ACTION ITEM: Of all the entries below, retype only the lines from the one with "line L0 (-6.35, 0)" through the one with "arc A5 (-5.2612, 5.8037)", exactly as they appear.

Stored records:
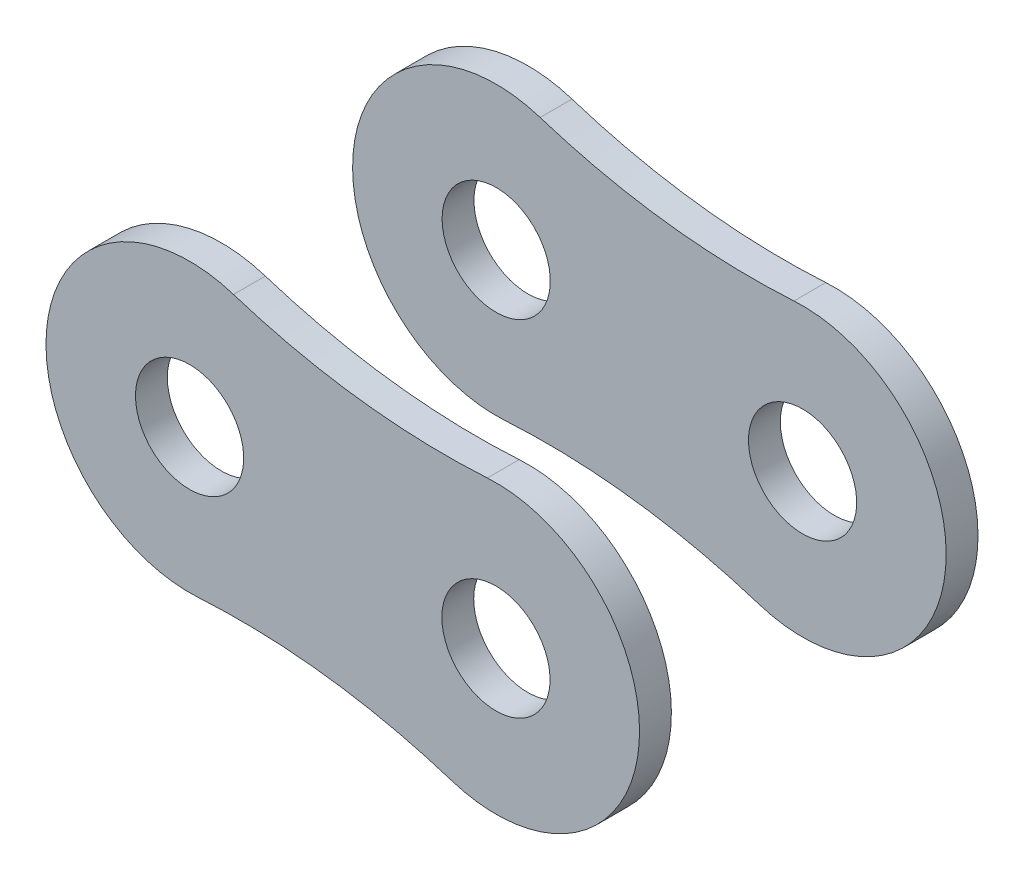
SolidWorks part; units mm, degrees
ref_plane "前视基准面" through (0, 0, 0) normal (0, 0, 1) x (1, 0, 0)
ref_plane "上视基准面" through (0, 0, 0) normal (0, 1, 0) x (1, 0, 0)
ref_plane "右视基准面" through (0, 0, 0) normal (1, 0, 0) x (0, 0, -1)
sketch "草图1" plane through (0, 0, 0) normal (0, 0, 1) x (1, 0, 0)
  line L0 (-6.35, 0) -> (6.35, 0) construction
  line L1 (0, 5.3145) -> (0, -5.3145) construction
  line L2 (6.35, 0) -> (17.65, 0) construction
  line L3 (17.65, 0) -> (25.4, 0) construction
  circle A0 centre (-6.35, 0) radius 5.905
  circle A1 centre (6.35, 0) radius 5.905
  circle A2 centre (0, 33.8474) radius 28.5329
  circle A3 centre (0, -33.8474) radius 28.5329
  circle A4 centre (-6.35, 0) radius 4.255
  circle A5 centre (6.35, 0) radius 4.255
  circle A6 centre (-6.35, 0) radius 2.225
  circle A7 centre (6.35, 0) radius 2.225
  point P16 (37.35, 0)
  point P18 (20.27, 0)
  point P19 (8.35, 0)
sketch "草图2" plane through (0, 0, 0) normal (0, 0, 1) x (1, 0, 0)
  circle A0 centre (6.35, 0) radius 4.255 construction
  circle A1 centre (-6.35, 0) radius 4.255 construction
  circle A2 centre (6.35, 0) radius 4.255
  circle A3 centre (-6.35, 0) radius 4.255
extrude "拉伸1" add sketch "草图2" along normal mid plane 7.75
sketch "草图3" plane through (0, 0, 3.875) normal (0, 0, 1) x (1, 0, 0)
  circle A0 centre (-6.35, 0) radius 5.905 construction
  arc A1 (-5.2612, 5.8037) -> (-5.2612, -5.8037) centre (-6.35, 0) ccw
  circle A2 centre (6.35, 0) radius 5.905 construction
  arc A3 (5.2612, -5.8037) -> (5.2612, 5.8037) centre (6.35, 0) ccw
  circle A4 centre (0, 33.8474) radius 28.5329 construction
  arc A5 (-5.2612, 5.8037) -> (5.2612, 5.8037) centre (0, 33.8474) ccw
  circle A6 centre (0, -33.8474) radius 28.5329 construction
  arc A7 (5.2612, -5.8037) -> (-5.2612, -5.8037) centre (0, -33.8474) ccw
extrude "拉伸2" add sketch "草图3" along normal blind 1.775
sketch "草图5" plane through (0, 0, 0) normal (0, 0, 1) x (1, 0, 0)
  line L0 (6.35, 0) -> (18.9503, -1.5886) construction
  line L1 (-6.35, 0) -> (6.35, 0) construction
  line L2 (-6.35, 0) -> (-775.0628, -48.2675)
  line L4 (0, -101.1307) -> (-770.7315, -117.2475) construction
  line L5 (18.9503, -1.5886) -> (31.2528, -4.7409) construction
  arc A0 (24.8281, -199.3718) -> (-6.35, 0) centre (0, -101.1307) ccw
  arc A1 (-775.0628, -48.2675) -> (-790.2544, -183.5487) centre (-770.7315, -117.2475) ccw
  arc A2 (-790.2544, -183.5487) -> (24.8281, -199.3718) centre (-353.7841, 1298.74) ccw
  dimension "R2" = 202.6597
  dimension "R1" = 138.2317
  dimension "a" = 770.9
  dimension "La" = 770.2266
  dimension "L2" = 299.6078
  dimension "L" = 825
  dimension "L1" = 193.0074
sketch "草图6" plane through (0, 0, 5.65) normal (0, 0, 1) x (1, 0, 0)
  arc A0 (17.144, -7.2106) -> (18.596, 4.3058) centre (18.9503, -1.5886) ccw
  circle A1 centre (6.35, 0) radius 5.905 construction
  arc A2 (8.1562, 5.622) -> (6.7043, -5.8944) centre (6.35, 0) ccw
  arc A3 (8.1562, 5.622) -> (18.596, 4.3058) centre (16.884, 32.7873) ccw
  arc A4 (6.7043, -5.8944) -> (17.144, -7.2106) centre (8.4163, -34.3759) cw
  circle A5 centre (0, 33.8474) radius 28.5329 construction
  circle A6 centre (0, -33.8474) radius 28.5329 construction
  circle A7 centre (6.35, 0) radius 2.225 construction
  circle A8 centre (6.35, 0) radius 2.225
  circle A9 centre (18.9503, -1.5886) radius 2.225
extrude "拉伸4" add sketch "草图6" along normal blind 1.31 separate body
delete or keep bodies "实体-删除1" type delete bodies bodies 103
ref_plane "基准面1" through (0, 0, 0) normal (0, 0, -1) x (-1, 0, 0)
mirror "镜向1" about plane through (0, 0, 0) normal (0, 0, -1) of bodies 123
sketch "草图7" plane through (0, 0, 6.96) normal (0, 0, 1) x (1, 0, 0)
  line L0 (6.35, 0) -> (18.9503, -1.5886)
equation "\"D1@拉伸1\" = \"b1@草图1\""
equation "\"D1@拉伸2\" = (  \"b2@草图1\" - \"D1@拉伸1\" )  / 2"
equation "\"h3@草图1\" = \"h2@草图1\" * 0.9"
equation "\"D1@拉伸4\" = (\"P1@草图1\"-\"b2@草图1\")/2"

EXERCISE OUTPUT:
  line L0 (-6.35, 0) -> (6.35, 0) construction
  line L1 (0, 5.3145) -> (0, -5.3145) construction
  line L2 (6.35, 0) -> (17.65, 0) construction
  line L3 (17.65, 0) -> (25.4, 0) construction
  circle A0 centre (-6.35, 0) radius 5.905
  circle A1 centre (6.35, 0) radius 5.905
  circle A2 centre (0, 33.8474) radius 28.5329
  circle A3 centre (0, -33.8474) radius 28.5329
  circle A4 centre (-6.35, 0) radius 4.255
  circle A5 centre (6.35, 0) radius 4.255
  circle A6 centre (-6.35, 0) radius 2.225
  circle A7 centre (6.35, 0) radius 2.225
  point P16 (37.35, 0)
  point P18 (20.27, 0)
  point P19 (8.35, 0)
sketch "草图2" plane through (0, 0, 0) normal (0, 0, 1) x (1, 0, 0)
  circle A0 centre (6.35, 0) radius 4.255 construction
  circle A1 centre (-6.35, 0) radius 4.255 construction
  circle A2 centre (6.35, 0) radius 4.255
  circle A3 centre (-6.35, 0) radius 4.255
extrude "拉伸1" add sketch "草图2" along normal mid plane 7.75
sketch "草图3" plane through (0, 0, 3.875) normal (0, 0, 1) x (1, 0, 0)
  circle A0 centre (-6.35, 0) radius 5.905 construction
  arc A1 (-5.2612, 5.8037) -> (-5.2612, -5.8037) centre (-6.35, 0) ccw
  circle A2 centre (6.35, 0) radius 5.905 construction
  arc A3 (5.2612, -5.8037) -> (5.2612, 5.8037) centre (6.35, 0) ccw
  circle A4 centre (0, 33.8474) radius 28.5329 construction
  arc A5 (-5.2612, 5.8037) -> (5.2612, 5.8037) centre (0, 33.8474) ccw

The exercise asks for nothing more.